* _TO DO_
Report how many lines in the records hold the string "origin"; give the number and nothing else.
-- INPUT FOR THIS TASK follows --
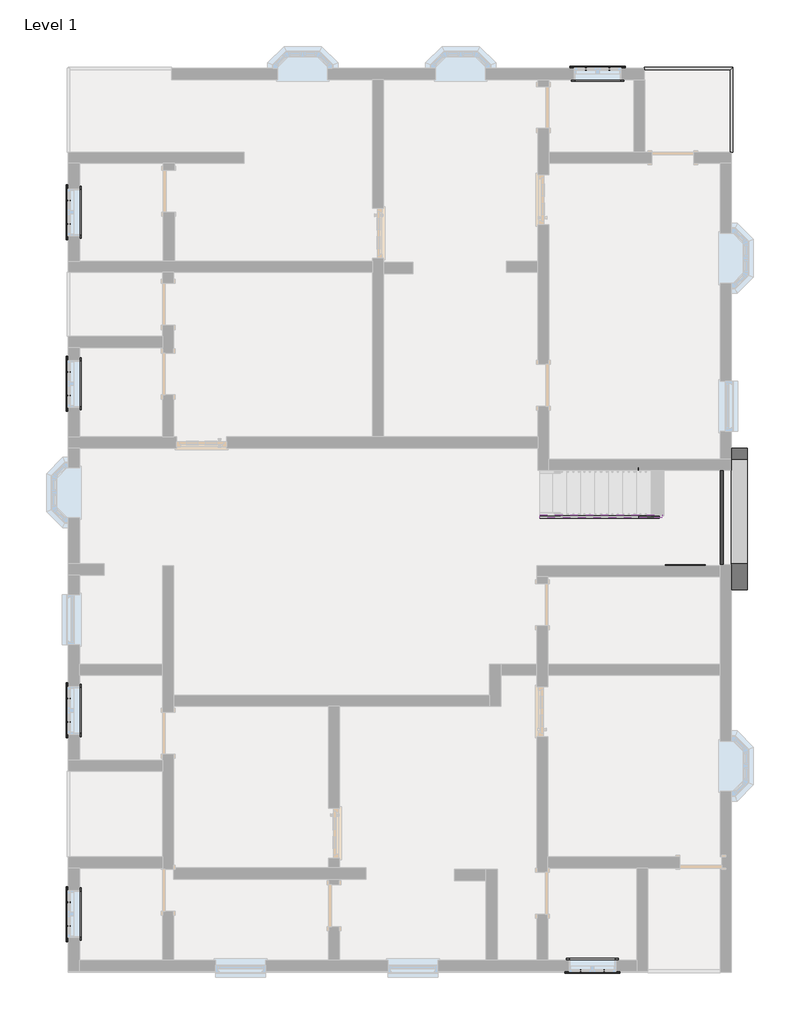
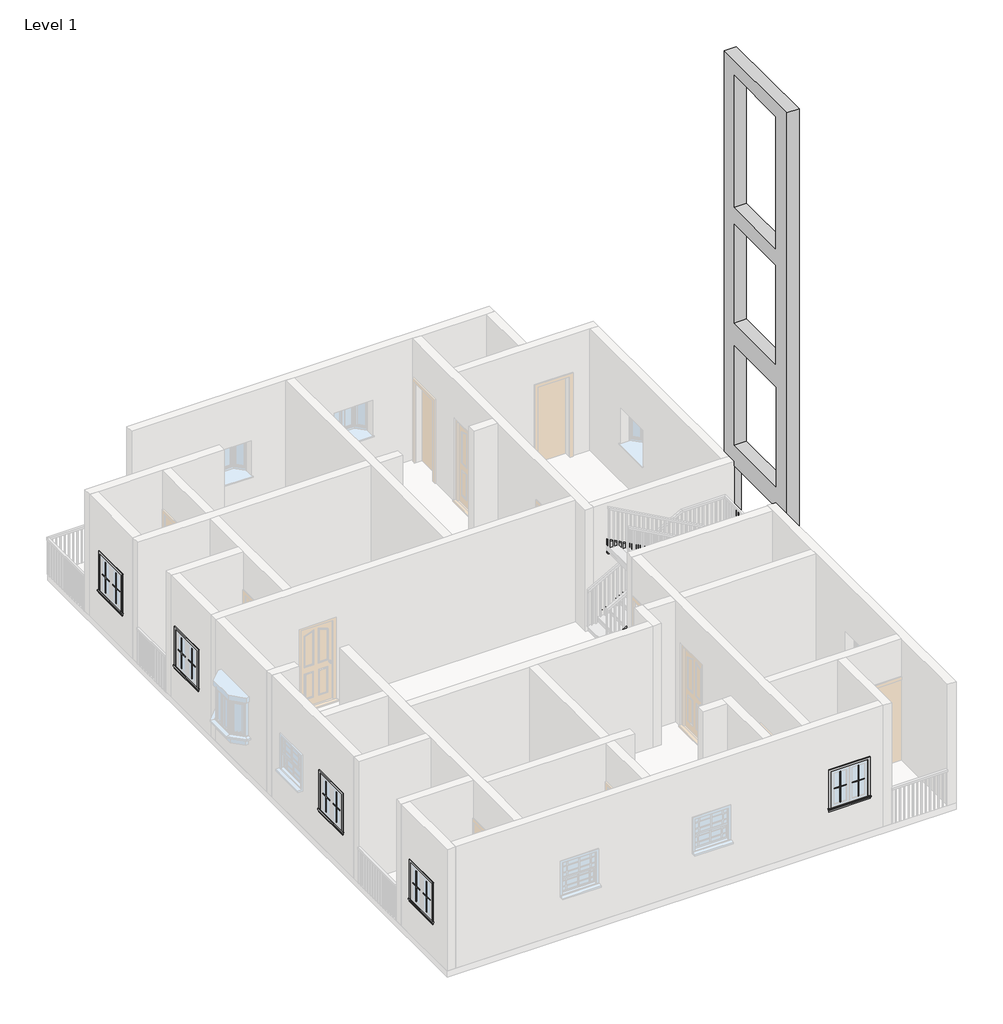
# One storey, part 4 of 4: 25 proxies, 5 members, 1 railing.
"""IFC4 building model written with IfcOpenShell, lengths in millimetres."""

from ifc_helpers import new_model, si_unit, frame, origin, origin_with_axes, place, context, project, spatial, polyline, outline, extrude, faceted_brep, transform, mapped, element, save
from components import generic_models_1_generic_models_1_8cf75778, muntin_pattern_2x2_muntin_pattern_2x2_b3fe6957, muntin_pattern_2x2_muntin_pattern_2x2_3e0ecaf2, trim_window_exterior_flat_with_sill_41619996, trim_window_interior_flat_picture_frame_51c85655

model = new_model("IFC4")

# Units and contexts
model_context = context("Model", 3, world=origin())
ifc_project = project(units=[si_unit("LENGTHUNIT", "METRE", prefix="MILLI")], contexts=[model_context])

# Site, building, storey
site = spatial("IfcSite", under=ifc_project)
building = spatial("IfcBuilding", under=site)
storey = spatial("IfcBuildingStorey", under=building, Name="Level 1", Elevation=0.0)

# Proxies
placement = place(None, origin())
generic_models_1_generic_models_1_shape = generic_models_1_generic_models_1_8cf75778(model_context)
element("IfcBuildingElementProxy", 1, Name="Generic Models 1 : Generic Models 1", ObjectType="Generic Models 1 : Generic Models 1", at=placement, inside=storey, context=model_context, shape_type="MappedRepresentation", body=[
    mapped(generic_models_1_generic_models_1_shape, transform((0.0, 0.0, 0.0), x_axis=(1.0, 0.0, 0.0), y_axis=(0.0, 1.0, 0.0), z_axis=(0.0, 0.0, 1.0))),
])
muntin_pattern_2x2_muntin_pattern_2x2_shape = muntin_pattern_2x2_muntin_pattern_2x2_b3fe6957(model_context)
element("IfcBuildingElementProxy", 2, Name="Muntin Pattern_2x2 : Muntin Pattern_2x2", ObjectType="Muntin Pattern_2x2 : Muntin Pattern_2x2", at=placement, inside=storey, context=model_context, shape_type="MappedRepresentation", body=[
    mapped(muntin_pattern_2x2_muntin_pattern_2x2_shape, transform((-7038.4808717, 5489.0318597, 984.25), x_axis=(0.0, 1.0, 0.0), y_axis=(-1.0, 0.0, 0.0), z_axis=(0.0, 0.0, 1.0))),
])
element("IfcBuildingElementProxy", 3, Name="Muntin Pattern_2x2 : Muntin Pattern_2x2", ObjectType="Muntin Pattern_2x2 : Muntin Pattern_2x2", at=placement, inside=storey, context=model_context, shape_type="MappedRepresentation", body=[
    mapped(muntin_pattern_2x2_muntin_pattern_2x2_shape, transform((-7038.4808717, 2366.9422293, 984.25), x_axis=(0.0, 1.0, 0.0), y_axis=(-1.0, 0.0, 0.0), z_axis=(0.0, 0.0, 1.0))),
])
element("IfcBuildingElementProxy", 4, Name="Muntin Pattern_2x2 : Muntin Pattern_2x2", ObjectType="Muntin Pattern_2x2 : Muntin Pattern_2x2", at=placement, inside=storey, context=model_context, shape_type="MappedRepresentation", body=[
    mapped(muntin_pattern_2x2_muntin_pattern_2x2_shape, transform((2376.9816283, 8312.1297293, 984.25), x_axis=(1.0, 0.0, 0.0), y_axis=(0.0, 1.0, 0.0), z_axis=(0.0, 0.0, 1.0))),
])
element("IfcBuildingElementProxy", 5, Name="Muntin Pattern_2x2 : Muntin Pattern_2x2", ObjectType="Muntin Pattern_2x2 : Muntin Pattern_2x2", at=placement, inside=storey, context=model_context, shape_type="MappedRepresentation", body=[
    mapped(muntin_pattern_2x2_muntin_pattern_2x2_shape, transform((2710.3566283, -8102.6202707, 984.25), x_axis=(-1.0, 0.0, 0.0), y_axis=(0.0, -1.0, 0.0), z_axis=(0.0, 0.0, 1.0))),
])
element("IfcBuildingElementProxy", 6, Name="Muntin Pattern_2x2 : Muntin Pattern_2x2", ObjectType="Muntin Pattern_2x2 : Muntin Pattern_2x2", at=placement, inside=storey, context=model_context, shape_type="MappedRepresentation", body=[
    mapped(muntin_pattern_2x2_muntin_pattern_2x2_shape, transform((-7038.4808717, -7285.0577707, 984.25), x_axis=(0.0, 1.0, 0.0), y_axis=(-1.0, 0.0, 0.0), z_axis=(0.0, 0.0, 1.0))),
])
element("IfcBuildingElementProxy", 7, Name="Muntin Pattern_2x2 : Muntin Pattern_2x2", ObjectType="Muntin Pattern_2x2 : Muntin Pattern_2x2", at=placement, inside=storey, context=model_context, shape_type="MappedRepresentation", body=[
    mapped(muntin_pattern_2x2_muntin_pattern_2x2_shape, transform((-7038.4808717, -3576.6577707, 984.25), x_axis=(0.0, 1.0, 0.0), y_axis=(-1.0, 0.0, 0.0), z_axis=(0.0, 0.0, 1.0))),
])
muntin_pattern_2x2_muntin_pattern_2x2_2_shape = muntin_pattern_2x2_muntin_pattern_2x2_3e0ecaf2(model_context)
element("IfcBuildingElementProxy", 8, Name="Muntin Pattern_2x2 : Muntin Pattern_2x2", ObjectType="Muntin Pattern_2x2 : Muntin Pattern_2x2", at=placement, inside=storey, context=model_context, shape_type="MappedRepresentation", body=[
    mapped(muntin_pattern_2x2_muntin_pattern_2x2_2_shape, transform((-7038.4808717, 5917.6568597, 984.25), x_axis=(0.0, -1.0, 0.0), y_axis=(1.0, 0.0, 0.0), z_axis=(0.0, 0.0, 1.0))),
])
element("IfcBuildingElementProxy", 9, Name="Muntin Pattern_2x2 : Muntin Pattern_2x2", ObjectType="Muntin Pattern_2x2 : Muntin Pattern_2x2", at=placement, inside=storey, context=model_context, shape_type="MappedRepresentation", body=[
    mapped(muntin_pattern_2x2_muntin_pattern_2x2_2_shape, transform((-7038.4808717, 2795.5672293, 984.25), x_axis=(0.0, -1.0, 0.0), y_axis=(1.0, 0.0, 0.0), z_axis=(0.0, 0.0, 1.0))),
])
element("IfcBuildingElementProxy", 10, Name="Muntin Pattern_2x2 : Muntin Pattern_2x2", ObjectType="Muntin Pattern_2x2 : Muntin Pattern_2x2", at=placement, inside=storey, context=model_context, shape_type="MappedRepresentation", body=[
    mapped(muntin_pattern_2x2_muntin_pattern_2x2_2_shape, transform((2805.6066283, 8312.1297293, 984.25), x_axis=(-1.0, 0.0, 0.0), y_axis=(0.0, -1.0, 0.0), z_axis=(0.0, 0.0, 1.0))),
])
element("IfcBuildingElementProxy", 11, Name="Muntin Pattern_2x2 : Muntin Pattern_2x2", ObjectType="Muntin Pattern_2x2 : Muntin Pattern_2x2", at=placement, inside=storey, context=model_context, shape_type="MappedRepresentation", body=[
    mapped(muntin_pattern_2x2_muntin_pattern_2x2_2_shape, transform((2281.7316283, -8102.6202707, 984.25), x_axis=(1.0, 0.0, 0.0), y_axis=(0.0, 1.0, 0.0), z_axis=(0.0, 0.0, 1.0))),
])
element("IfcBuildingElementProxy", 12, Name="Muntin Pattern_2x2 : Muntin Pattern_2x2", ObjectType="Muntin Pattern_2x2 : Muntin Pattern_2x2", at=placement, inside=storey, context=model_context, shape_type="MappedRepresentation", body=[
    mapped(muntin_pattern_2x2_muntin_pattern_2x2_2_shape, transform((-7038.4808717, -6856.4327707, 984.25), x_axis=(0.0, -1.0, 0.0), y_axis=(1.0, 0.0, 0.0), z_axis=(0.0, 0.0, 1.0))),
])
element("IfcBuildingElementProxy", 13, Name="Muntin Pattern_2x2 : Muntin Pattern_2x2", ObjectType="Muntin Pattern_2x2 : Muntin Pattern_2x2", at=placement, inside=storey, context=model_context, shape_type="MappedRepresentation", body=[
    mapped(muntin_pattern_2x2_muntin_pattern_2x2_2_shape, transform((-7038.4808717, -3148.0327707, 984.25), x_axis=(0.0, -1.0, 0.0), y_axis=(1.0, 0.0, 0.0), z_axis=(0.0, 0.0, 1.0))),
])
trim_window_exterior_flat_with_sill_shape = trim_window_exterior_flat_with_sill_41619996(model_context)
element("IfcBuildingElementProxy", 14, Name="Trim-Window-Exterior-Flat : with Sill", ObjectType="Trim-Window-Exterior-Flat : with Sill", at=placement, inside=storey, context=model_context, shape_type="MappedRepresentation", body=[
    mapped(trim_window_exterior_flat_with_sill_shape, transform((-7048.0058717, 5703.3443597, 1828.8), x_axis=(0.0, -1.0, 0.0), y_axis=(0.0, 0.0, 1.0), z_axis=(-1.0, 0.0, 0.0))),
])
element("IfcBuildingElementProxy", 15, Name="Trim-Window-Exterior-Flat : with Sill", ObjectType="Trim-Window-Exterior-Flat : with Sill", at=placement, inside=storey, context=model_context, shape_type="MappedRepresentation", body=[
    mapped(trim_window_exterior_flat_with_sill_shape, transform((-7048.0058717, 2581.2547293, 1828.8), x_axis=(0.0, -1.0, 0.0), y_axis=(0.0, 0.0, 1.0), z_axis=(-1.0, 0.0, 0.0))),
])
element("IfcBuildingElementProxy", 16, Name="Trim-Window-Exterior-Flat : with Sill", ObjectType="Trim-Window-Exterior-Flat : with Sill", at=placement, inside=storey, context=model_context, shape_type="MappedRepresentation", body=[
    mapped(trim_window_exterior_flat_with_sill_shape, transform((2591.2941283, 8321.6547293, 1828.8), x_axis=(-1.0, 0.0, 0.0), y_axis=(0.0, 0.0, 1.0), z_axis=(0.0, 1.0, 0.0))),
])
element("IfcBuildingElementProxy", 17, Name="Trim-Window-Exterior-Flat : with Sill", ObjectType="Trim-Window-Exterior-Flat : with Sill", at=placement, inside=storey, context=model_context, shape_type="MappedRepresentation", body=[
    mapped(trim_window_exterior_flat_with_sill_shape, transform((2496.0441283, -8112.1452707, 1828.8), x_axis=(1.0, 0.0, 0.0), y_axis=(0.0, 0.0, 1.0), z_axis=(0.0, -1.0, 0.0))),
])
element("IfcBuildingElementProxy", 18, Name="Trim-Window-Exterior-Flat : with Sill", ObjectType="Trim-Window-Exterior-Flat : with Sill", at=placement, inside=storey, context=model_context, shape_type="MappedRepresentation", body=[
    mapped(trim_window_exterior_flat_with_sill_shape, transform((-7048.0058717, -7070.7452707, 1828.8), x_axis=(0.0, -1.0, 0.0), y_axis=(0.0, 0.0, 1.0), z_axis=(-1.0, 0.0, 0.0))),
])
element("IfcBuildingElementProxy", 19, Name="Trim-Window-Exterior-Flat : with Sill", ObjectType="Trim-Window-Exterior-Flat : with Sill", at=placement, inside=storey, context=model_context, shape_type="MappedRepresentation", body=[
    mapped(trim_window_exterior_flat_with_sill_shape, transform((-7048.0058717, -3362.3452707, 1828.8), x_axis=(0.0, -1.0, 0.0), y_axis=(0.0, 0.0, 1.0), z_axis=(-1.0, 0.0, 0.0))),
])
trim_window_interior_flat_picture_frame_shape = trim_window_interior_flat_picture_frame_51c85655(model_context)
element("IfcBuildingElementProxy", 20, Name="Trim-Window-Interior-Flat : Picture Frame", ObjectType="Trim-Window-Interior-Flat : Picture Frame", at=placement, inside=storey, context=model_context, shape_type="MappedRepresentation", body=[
-- INPUT FOR THIS TASK concluded --
* _WRITTEN ANSWER_
3